Task goal
Through the line with "p2 = place(p1, origin())" and starting from the first line, return the records below word for word, with pictures left out.

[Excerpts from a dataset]
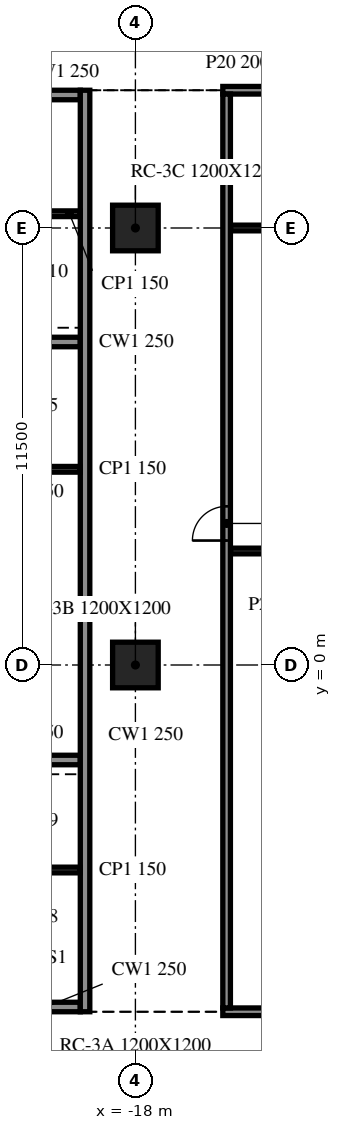
"""IFC4 building model, lengths in metres.
Left out: names, types, materials, properties, quantities, classifications, styles, units other than length and angle.
Written with IfcOpenShell. Run it as: python <this file> out.ifc"""

import sys

from ifc_helpers import new_model, si_unit, direction, frame, frame_2d, origin, origin_2d, place, context, subcontext, project, spatial, rectangle, extrude, element, fill, save


model = new_model("IFC4")
c1 = context("Model", 3, precision=1e-05, world=origin(), true_north=direction((0.0, 1.0)))
c2 = subcontext(c1, "Body", "Model", "MODEL_VIEW")
j1 = project(units=[si_unit("LENGTHUNIT", "METRE"), si_unit("PLANEANGLEUNIT", "RADIAN")], contexts=[c1])
p1 = place(None, origin())
s1 = spatial("IfcSite", under=j1, at=p1, CompositionType="ELEMENT")
p2 = place(p1, origin())
s2 = spatial("IfcBuilding", under=s1, at=p2, CompositionType="ELEMENT")
p3 = place(p2, frame((0.0, 0.0, 170.6)))
s3 = spatial("IfcBuildingStorey", under=s2, at=p3, CompositionType="ELEMENT", Elevation=170.6)
for number, where, z_axis, x_axis in (
    (1, (-18.0, 0.0, -0.34), (0.0, 0.0, 1.0), (1.0, 0.0, 0.0)),
    (2, (-18.0, 11.5, -0.34), (0.0, 0.0, 1.0), (1.0, 0.0, 0.0)),
):
    element("IfcColumn", number, at=place(p3, frame(where, z_axis=z_axis, x_axis=x_axis)), inside=s3, PredefinedType="COLUMN", context=c2, shape_type="SweptSolid", body=[
        extrude(rectangle(XDim=1.2, YDim=1.2, at=origin_2d()), origin(), (0.0, 0.0, 1.0), 3.8),
    ])
p4 = place(p3, frame((-19.325, -9.125, 0.0), z_axis=(0.0, 0.0, 1.0), x_axis=(0.0, 1.0, 0.0)))
e3 = element("IfcWall", 3, at=p4, inside=s3, PredefinedType="SOLIDWALL", context=c2, shape_type="SweptSolid", body=[
    extrude(rectangle(XDim=24.25, YDim=0.25, at=frame_2d((12.125, 0.0))), origin(), (0.0, 0.0, 1.0), 3.46),
])
p5 = place(p3, frame((-19.45, -9.0, 0.0), z_axis=(0.0, 0.0, 1.0), x_axis=(-1.0, 0.0, 0.0)))
e4 = element("IfcWall", 4, at=p5, inside=s3, PredefinedType="SOLIDWALL", context=c2, shape_type="SweptSolid", body=[
    extrude(rectangle(XDim=9.1, YDim=0.25, at=frame_2d((4.55, 0.0))), origin(), (0.0, 0.0, 1.0), 3.46),
])
p6 = place(p5, frame((3.65, 0.0, 0.0)))
e5 = element("IfcOpeningElement", 5, at=p6, cuts=e4, PredefinedType="OPENING", context=c2, shape_type="SweptSolid", body=[
    extrude(rectangle(XDim=1.8, YDim=2.1, at=frame_2d((0.9, 1.05))), frame((0.0, 0.135, 0.0), z_axis=(0.0, -1.0, 0.0), x_axis=(1.0, 0.0, 0.0)), (0.0, 0.0, 1.0), 0.27),
])
p7 = place(p3, frame((-28.55, 15.0, 0.0), z_axis=(0.0, 0.0, 1.0), x_axis=(1.0, 0.0, 0.0)))
e6 = element("IfcWall", 6, at=p7, inside=s3, PredefinedType="SOLIDWALL", context=c2, shape_type="SweptSolid", body=[
    extrude(rectangle(XDim=9.1, YDim=0.25, at=frame_2d((4.55, 0.0))), origin(), (0.0, 0.0, 1.0), 3.46),
])
p8 = place(p7, frame((3.65, 0.0, 0.0)))
e7 = element("IfcOpeningElement", 7, at=p8, cuts=e6, PredefinedType="OPENING", context=c2, shape_type="SweptSolid", body=[
    extrude(rectangle(XDim=1.8, YDim=2.1, at=frame_2d((0.9, 1.05))), frame((0.0, 0.135, 0.0), z_axis=(0.0, -1.0, 0.0), x_axis=(1.0, 0.0, 0.0)), (0.0, 0.0, 1.0), 0.27),
])
for number, where, z_axis, x_axis in (
    (8, (-22.3, -2.5, 0.0), (0.0, 0.0, 1.0), (1.0, 0.0, 0.0)),
    (9, (-22.3, 8.5, 0.0), (0.0, 0.0, 1.0), (1.0, 0.0, 0.0)),
):
    element("IfcWall", number, at=place(p3, frame(where, z_axis=z_axis, x_axis=x_axis)), inside=s3, PredefinedType="SOLIDWALL", context=c2, shape_type="SweptSolid", body=[
        extrude(rectangle(XDim=2.85, YDim=0.25, at=frame_2d((1.425, 0.0))), origin(), (0.0, 0.0, 1.0), 3.46),
    ])
for number, where, z_axis, x_axis in (
    (10, (-22.3, 5.15, 0.0), (0.0, 0.0, 1.0), (1.0, 0.0, 0.0)),
    (11, (-22.3, -5.395, 0.0), (0.0, 0.0, 1.0), (1.0, 0.0, 0.0)),
    (12, (-22.3, 11.875, 0.0), (0.0, 0.0, 1.0), (1.0, 0.0, 0.0)),
):
    element("IfcWall", number, at=place(p3, frame(where, z_axis=z_axis, x_axis=x_axis)), inside=s3, PredefinedType="PARTITIONING", context=c2, shape_type="SweptSolid", body=[
        extrude(rectangle(XDim=2.85, YDim=0.15, at=frame_2d((1.425, 0.0))), origin(), (0.0, 0.0, 1.0), 3.46),
    ])
p9 = place(p3, frame((-15.7, -9.125, 0.0), z_axis=(0.0, 0.0, 1.0), x_axis=(1.0, 0.0, 0.0)))
e13 = element("IfcWall", 13, at=p9, inside=s3, PredefinedType="PARTITIONING", context=c2, shape_type="SweptSolid", body=[
    extrude(rectangle(XDim=7.3, YDim=0.2, at=frame_2d((3.65, 0.0))), origin(), (0.0, 0.0, 1.0), 3.46),
])
p10 = place(p9, frame((3.1, 0.0, 0.0)))
e14 = element("IfcOpeningElement", 14, at=p10, cuts=e13, PredefinedType="OPENING", context=c2, shape_type="SweptSolid", body=[
    extrude(rectangle(XDim=0.9, YDim=2.1, at=frame_2d((0.45, 1.05))), frame((0.0, 0.11, 0.0), z_axis=(0.0, -1.0, 0.0), x_axis=(1.0, 0.0, 0.0)), (0.0, 0.0, 1.0), 0.22),
])
for number, where, z_axis, x_axis in (
    (15, (-15.5, 3.0, 0.0), (0.0, 0.0, 1.0), (1.0, 0.0, 0.0)),
    (16, (-15.5, 11.5, 0.0), (0.0, 0.0, 1.0), (1.0, 0.0, 0.0)),
):
    element("IfcWall", number, at=place(p3, frame(where, z_axis=z_axis, x_axis=x_axis)), inside=s3, PredefinedType="PARTITIONING", context=c2, shape_type="SweptSolid", body=[
        extrude(rectangle(XDim=6.9, YDim=0.15, at=frame_2d((3.45, 0.0))), origin(), (0.0, 0.0, 1.0), 3.46),
    ])
p11 = place(p3, frame((-15.7, 15.125, 0.0), z_axis=(0.0, 0.0, 1.0), x_axis=(1.0, 0.0, 0.0)))
e17 = element("IfcWall", 17, at=p11, inside=s3, PredefinedType="PARTITIONING", context=c2, shape_type="SweptSolid", body=[
    extrude(rectangle(XDim=7.3, YDim=0.2, at=frame_2d((3.65, 0.0))), origin(), (0.0, 0.0, 1.0), 3.46),
])
p12 = place(p11, frame((3.1, 0.0, 0.0)))
e18 = element("IfcOpeningElement", 18, at=p12, cuts=e17, PredefinedType="OPENING", context=c2, shape_type="SweptSolid", body=[
    extrude(rectangle(XDim=0.9, YDim=2.1, at=frame_2d((0.45, 1.05))), frame((0.0, 0.11, 0.0), z_axis=(0.0, -1.0, 0.0), x_axis=(1.0, 0.0, 0.0)), (0.0, 0.0, 1.0), 0.22),
])
p13 = place(p3, frame((-15.6, -9.025, 0.0), z_axis=(0.0, 0.0, 1.0), x_axis=(0.0, 1.0, 0.0)))
e19 = element("IfcWall", 19, at=p13, inside=s3, PredefinedType="PARTITIONING", context=c2, shape_type="SweptSolid", body=[
    extrude(rectangle(XDim=24.05, YDim=0.2, at=frame_2d((12.025, 0.0))), origin(), (0.0, 0.0, 1.0), 3.46),
])
p14 = place(p13, frame((12.3, 0.0, 0.0)))
e20 = element("IfcOpeningElement", 20, at=p14, cuts=e19, PredefinedType="OPENING", context=c2, shape_type="SweptSolid", body=[
    extrude(rectangle(XDim=0.9, YDim=2.1, at=frame_2d((0.45, 1.05))), frame((0.0, 0.11, 0.0), z_axis=(0.0, -1.0, 0.0), x_axis=(1.0, 0.0, 0.0)), (0.0, 0.0, 1.0), 0.22),
])
p15 = place(p14, origin())
e21 = element("IfcDoor", 21, at=p15, inside=s3, OperationType="SINGLE_SWING_LEFT", PredefinedType="DOOR", context=c2, shape_type="SweptSolid", body=[
    extrude(rectangle(XDim=0.9, YDim=2.1, at=frame_2d((0.45, 1.05))), frame((0.0, 0.025, 0.0), z_axis=(0.0, -1.0, 0.0), x_axis=(1.0, 0.0, 0.0)), (0.0, 0.0, 1.0), 0.05),
])
fill(e20, e21)
save(model, sys.argv[1])

Exercise output
"""IFC4 building model, lengths in metres.
Left out: names, types, materials, properties, quantities, classifications, styles, units other than length and angle.
Written with IfcOpenShell. Run it as: python <this file> out.ifc"""

import sys

from ifc_helpers import new_model, si_unit, direction, frame, frame_2d, origin, origin_2d, place, context, subcontext, project, spatial, rectangle, extrude, element, fill, save


model = new_model("IFC4")
c1 = context("Model", 3, precision=1e-05, world=origin(), true_north=direction((0.0, 1.0)))
c2 = subcontext(c1, "Body", "Model", "MODEL_VIEW")
j1 = project(units=[si_unit("LENGTHUNIT", "METRE"), si_unit("PLANEANGLEUNIT", "RADIAN")], contexts=[c1])
p1 = place(None, origin())
s1 = spatial("IfcSite", under=j1, at=p1, CompositionType="ELEMENT")
p2 = place(p1, origin())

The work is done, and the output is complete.